━━ SOURCE INFORMATION ━━

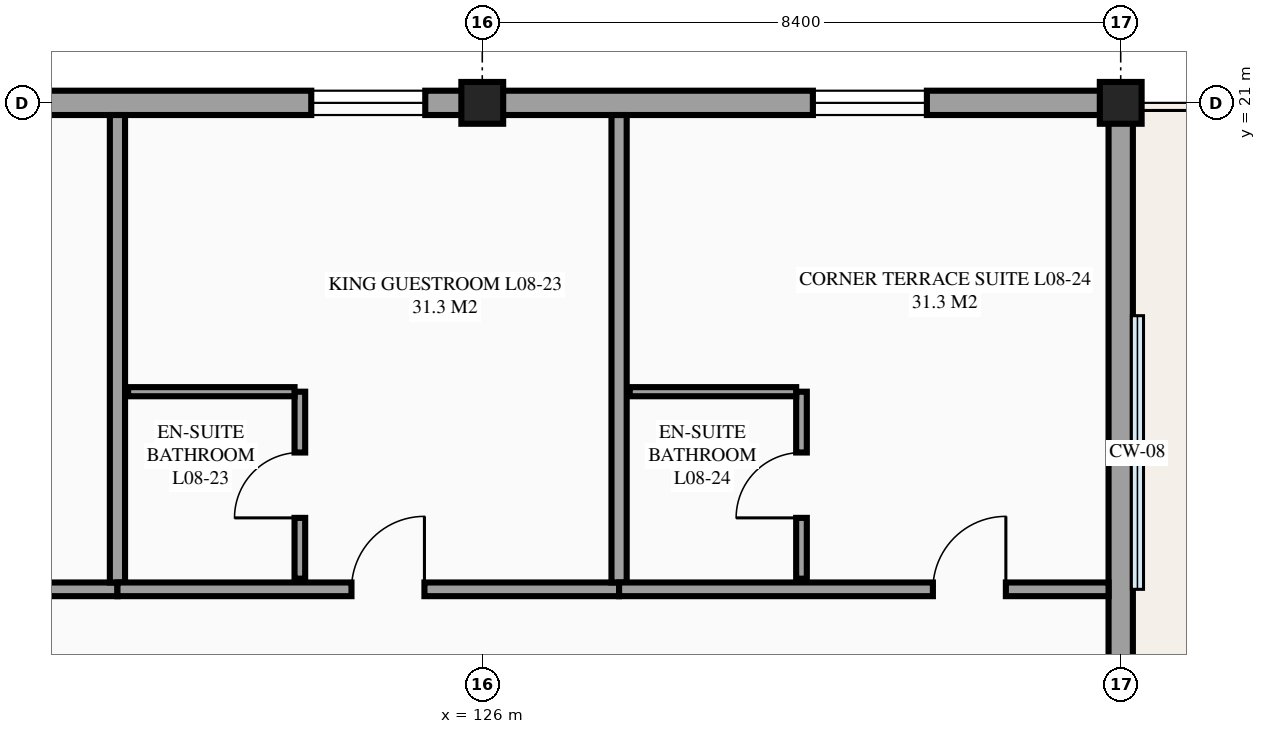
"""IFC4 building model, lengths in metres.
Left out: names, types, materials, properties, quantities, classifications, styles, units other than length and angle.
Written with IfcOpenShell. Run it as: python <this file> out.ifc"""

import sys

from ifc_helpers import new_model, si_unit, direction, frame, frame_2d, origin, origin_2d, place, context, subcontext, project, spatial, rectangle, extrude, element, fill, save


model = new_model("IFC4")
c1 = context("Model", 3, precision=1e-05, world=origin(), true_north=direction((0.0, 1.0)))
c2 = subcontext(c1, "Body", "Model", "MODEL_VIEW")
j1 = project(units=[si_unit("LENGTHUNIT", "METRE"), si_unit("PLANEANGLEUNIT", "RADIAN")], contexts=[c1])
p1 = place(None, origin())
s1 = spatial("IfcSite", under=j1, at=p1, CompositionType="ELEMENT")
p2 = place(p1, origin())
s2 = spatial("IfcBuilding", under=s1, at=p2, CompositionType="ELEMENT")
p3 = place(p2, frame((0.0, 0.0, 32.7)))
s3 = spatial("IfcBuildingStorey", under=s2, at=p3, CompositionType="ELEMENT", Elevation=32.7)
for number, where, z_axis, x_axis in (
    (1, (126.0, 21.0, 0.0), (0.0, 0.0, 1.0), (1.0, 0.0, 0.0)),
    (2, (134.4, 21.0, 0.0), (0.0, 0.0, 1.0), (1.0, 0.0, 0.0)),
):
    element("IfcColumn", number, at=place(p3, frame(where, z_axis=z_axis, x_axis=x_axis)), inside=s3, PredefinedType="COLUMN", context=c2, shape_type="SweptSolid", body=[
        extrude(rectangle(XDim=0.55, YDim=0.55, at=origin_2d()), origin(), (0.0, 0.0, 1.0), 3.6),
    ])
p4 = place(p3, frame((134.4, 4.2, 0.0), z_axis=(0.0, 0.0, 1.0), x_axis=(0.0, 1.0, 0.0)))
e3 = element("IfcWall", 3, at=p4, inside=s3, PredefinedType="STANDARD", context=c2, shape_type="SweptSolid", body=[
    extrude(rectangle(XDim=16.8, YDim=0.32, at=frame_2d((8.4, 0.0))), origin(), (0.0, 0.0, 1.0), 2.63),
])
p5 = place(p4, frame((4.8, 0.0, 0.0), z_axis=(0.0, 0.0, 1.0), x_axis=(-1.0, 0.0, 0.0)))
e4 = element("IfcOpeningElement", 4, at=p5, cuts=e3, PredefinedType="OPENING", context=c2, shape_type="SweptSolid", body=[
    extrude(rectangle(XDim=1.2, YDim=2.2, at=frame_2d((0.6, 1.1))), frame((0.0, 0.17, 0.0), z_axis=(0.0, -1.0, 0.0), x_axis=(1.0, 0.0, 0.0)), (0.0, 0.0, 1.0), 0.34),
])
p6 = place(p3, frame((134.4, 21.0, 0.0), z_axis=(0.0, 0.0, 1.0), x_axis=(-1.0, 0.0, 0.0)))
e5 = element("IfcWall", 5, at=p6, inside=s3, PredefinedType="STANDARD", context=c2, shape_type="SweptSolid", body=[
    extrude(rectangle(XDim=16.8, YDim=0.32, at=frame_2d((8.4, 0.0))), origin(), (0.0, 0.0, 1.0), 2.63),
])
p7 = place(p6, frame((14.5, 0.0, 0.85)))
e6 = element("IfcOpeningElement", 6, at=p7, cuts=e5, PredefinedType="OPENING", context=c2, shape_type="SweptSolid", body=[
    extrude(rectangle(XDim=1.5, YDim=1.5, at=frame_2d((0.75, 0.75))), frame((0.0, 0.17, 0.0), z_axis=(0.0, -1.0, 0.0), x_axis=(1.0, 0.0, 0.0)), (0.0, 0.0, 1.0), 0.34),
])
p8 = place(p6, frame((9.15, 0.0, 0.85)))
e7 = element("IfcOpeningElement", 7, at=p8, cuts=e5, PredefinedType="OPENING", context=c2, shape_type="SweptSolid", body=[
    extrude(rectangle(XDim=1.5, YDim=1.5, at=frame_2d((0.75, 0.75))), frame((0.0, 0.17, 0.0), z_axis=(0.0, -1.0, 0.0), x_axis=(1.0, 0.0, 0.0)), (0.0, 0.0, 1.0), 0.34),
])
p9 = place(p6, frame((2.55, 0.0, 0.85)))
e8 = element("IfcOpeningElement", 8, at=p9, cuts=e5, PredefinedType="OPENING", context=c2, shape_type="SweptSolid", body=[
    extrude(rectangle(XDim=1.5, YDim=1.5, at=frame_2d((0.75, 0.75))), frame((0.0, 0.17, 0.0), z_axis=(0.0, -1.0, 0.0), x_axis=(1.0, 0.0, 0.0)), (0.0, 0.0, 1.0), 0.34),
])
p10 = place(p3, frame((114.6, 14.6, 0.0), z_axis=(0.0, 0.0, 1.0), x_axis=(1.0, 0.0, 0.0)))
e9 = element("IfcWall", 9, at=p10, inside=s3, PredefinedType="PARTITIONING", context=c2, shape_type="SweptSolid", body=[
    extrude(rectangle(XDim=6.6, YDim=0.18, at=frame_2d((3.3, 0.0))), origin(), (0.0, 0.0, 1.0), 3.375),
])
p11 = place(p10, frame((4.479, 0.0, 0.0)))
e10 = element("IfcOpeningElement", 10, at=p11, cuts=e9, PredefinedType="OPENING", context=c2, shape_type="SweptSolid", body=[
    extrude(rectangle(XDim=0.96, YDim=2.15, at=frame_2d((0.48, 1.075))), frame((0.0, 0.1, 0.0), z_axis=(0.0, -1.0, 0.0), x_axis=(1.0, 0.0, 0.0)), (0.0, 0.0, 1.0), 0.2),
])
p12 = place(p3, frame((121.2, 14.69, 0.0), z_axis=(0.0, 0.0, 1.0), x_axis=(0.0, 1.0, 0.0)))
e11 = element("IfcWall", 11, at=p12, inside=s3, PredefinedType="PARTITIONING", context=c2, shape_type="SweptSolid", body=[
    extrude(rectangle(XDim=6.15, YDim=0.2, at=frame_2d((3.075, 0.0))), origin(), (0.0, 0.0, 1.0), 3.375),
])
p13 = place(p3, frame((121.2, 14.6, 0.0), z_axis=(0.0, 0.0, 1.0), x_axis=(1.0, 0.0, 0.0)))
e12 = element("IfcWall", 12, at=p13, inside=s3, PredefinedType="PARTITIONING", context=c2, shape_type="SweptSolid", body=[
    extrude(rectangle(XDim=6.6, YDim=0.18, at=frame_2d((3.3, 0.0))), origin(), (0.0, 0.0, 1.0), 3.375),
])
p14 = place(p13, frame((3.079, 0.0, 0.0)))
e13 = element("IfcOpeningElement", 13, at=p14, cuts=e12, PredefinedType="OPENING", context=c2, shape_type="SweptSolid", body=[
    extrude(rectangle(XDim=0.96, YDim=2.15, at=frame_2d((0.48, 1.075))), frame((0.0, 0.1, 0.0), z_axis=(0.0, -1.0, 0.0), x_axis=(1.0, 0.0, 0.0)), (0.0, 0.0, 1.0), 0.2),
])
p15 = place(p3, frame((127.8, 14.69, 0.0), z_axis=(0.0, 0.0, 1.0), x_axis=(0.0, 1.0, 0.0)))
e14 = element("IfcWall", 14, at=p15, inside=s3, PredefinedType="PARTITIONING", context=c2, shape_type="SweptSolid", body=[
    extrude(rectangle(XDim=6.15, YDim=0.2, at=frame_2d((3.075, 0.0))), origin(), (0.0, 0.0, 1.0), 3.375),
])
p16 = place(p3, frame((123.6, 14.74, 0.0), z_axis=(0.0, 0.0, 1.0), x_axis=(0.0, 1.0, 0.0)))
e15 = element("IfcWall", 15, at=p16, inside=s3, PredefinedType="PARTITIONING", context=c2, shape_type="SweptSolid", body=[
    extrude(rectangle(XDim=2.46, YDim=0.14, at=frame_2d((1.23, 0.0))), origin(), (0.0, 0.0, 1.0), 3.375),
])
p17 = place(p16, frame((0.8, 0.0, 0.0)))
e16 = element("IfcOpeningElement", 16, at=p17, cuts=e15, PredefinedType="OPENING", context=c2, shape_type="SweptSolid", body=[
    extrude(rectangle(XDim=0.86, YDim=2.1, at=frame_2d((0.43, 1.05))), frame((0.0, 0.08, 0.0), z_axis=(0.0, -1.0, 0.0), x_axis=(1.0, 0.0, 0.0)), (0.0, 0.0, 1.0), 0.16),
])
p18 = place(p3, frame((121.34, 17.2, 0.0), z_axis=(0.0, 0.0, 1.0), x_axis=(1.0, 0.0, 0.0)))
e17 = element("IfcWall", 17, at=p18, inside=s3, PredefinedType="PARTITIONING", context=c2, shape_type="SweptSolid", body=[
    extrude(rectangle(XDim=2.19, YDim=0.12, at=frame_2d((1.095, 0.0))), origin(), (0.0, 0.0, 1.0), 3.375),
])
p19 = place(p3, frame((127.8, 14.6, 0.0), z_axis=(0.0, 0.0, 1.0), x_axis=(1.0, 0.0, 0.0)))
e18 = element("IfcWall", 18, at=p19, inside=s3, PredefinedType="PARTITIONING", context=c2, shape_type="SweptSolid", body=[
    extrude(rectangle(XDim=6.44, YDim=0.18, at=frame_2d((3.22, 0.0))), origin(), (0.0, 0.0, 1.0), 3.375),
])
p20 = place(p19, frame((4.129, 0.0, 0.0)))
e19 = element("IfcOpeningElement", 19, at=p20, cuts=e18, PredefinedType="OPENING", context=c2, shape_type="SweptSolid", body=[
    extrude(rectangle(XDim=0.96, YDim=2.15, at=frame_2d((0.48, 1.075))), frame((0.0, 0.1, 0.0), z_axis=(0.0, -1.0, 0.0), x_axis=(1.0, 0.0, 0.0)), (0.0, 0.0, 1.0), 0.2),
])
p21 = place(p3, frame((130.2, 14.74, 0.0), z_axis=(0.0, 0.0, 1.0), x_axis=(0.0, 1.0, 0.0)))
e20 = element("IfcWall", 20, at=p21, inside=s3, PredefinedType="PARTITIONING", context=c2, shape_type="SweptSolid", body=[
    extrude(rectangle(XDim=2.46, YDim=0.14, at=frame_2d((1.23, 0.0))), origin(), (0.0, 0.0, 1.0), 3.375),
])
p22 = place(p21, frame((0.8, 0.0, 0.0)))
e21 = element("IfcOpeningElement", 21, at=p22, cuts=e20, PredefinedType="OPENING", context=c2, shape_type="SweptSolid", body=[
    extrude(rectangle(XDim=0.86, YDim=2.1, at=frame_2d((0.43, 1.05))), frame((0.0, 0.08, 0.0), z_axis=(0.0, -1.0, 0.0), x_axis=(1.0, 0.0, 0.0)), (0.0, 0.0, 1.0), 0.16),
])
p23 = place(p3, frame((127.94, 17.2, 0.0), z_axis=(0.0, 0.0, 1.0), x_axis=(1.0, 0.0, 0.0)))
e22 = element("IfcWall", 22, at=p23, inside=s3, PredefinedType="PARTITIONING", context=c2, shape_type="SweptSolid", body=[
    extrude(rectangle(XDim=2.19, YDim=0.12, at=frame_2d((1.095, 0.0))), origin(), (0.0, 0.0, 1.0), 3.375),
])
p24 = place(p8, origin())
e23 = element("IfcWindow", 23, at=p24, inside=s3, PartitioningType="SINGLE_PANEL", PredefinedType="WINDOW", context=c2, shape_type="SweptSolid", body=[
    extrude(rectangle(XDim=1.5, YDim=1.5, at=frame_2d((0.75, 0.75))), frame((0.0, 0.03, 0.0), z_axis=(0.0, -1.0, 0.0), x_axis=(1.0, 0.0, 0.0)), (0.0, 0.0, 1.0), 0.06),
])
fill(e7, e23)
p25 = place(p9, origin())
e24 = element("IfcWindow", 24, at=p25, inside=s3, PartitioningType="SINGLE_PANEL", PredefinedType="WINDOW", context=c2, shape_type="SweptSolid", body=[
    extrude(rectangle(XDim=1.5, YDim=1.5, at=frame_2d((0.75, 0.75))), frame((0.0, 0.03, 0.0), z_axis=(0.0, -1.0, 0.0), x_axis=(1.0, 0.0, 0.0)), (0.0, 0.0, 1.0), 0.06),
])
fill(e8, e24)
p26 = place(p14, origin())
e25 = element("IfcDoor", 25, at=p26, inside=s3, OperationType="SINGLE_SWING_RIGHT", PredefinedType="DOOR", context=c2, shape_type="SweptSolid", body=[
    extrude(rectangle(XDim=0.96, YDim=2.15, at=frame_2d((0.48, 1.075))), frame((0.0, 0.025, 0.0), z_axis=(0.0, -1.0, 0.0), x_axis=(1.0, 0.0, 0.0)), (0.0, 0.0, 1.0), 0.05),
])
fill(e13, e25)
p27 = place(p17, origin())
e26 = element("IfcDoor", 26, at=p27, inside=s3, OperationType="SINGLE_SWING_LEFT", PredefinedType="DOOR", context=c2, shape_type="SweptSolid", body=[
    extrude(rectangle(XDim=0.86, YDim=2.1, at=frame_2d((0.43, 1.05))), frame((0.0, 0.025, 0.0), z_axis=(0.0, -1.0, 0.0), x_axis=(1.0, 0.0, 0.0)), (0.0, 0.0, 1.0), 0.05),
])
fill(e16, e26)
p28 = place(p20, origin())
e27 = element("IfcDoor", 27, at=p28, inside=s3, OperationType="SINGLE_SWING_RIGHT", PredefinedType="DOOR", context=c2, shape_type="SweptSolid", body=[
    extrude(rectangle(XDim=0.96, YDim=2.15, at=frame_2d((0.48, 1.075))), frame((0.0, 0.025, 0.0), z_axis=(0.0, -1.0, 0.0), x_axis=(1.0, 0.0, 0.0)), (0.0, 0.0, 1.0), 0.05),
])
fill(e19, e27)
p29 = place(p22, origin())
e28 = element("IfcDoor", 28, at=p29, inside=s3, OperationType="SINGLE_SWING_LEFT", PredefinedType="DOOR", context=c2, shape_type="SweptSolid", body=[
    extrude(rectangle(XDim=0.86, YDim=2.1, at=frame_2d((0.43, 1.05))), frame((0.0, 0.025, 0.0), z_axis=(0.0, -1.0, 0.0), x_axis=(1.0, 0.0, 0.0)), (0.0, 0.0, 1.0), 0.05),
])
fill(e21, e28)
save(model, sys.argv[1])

━━━

### PROBLEM TO WORK ON
Look for the string "DOOR" in the records, and copy every line where it is found.

### COMPLETED TASK
e25 = element("IfcDoor", 25, at=p26, inside=s3, OperationType="SINGLE_SWING_RIGHT", PredefinedType="DOOR", context=c2, shape_type="SweptSolid", body=[
e26 = element("IfcDoor", 26, at=p27, inside=s3, OperationType="SINGLE_SWING_LEFT", PredefinedType="DOOR", context=c2, shape_type="SweptSolid", body=[
e27 = element("IfcDoor", 27, at=p28, inside=s3, OperationType="SINGLE_SWING_RIGHT", PredefinedType="DOOR", context=c2, shape_type="SweptSolid", body=[
e28 = element("IfcDoor", 28, at=p29, inside=s3, OperationType="SINGLE_SWING_LEFT", PredefinedType="DOOR", context=c2, shape_type="SweptSolid", body=[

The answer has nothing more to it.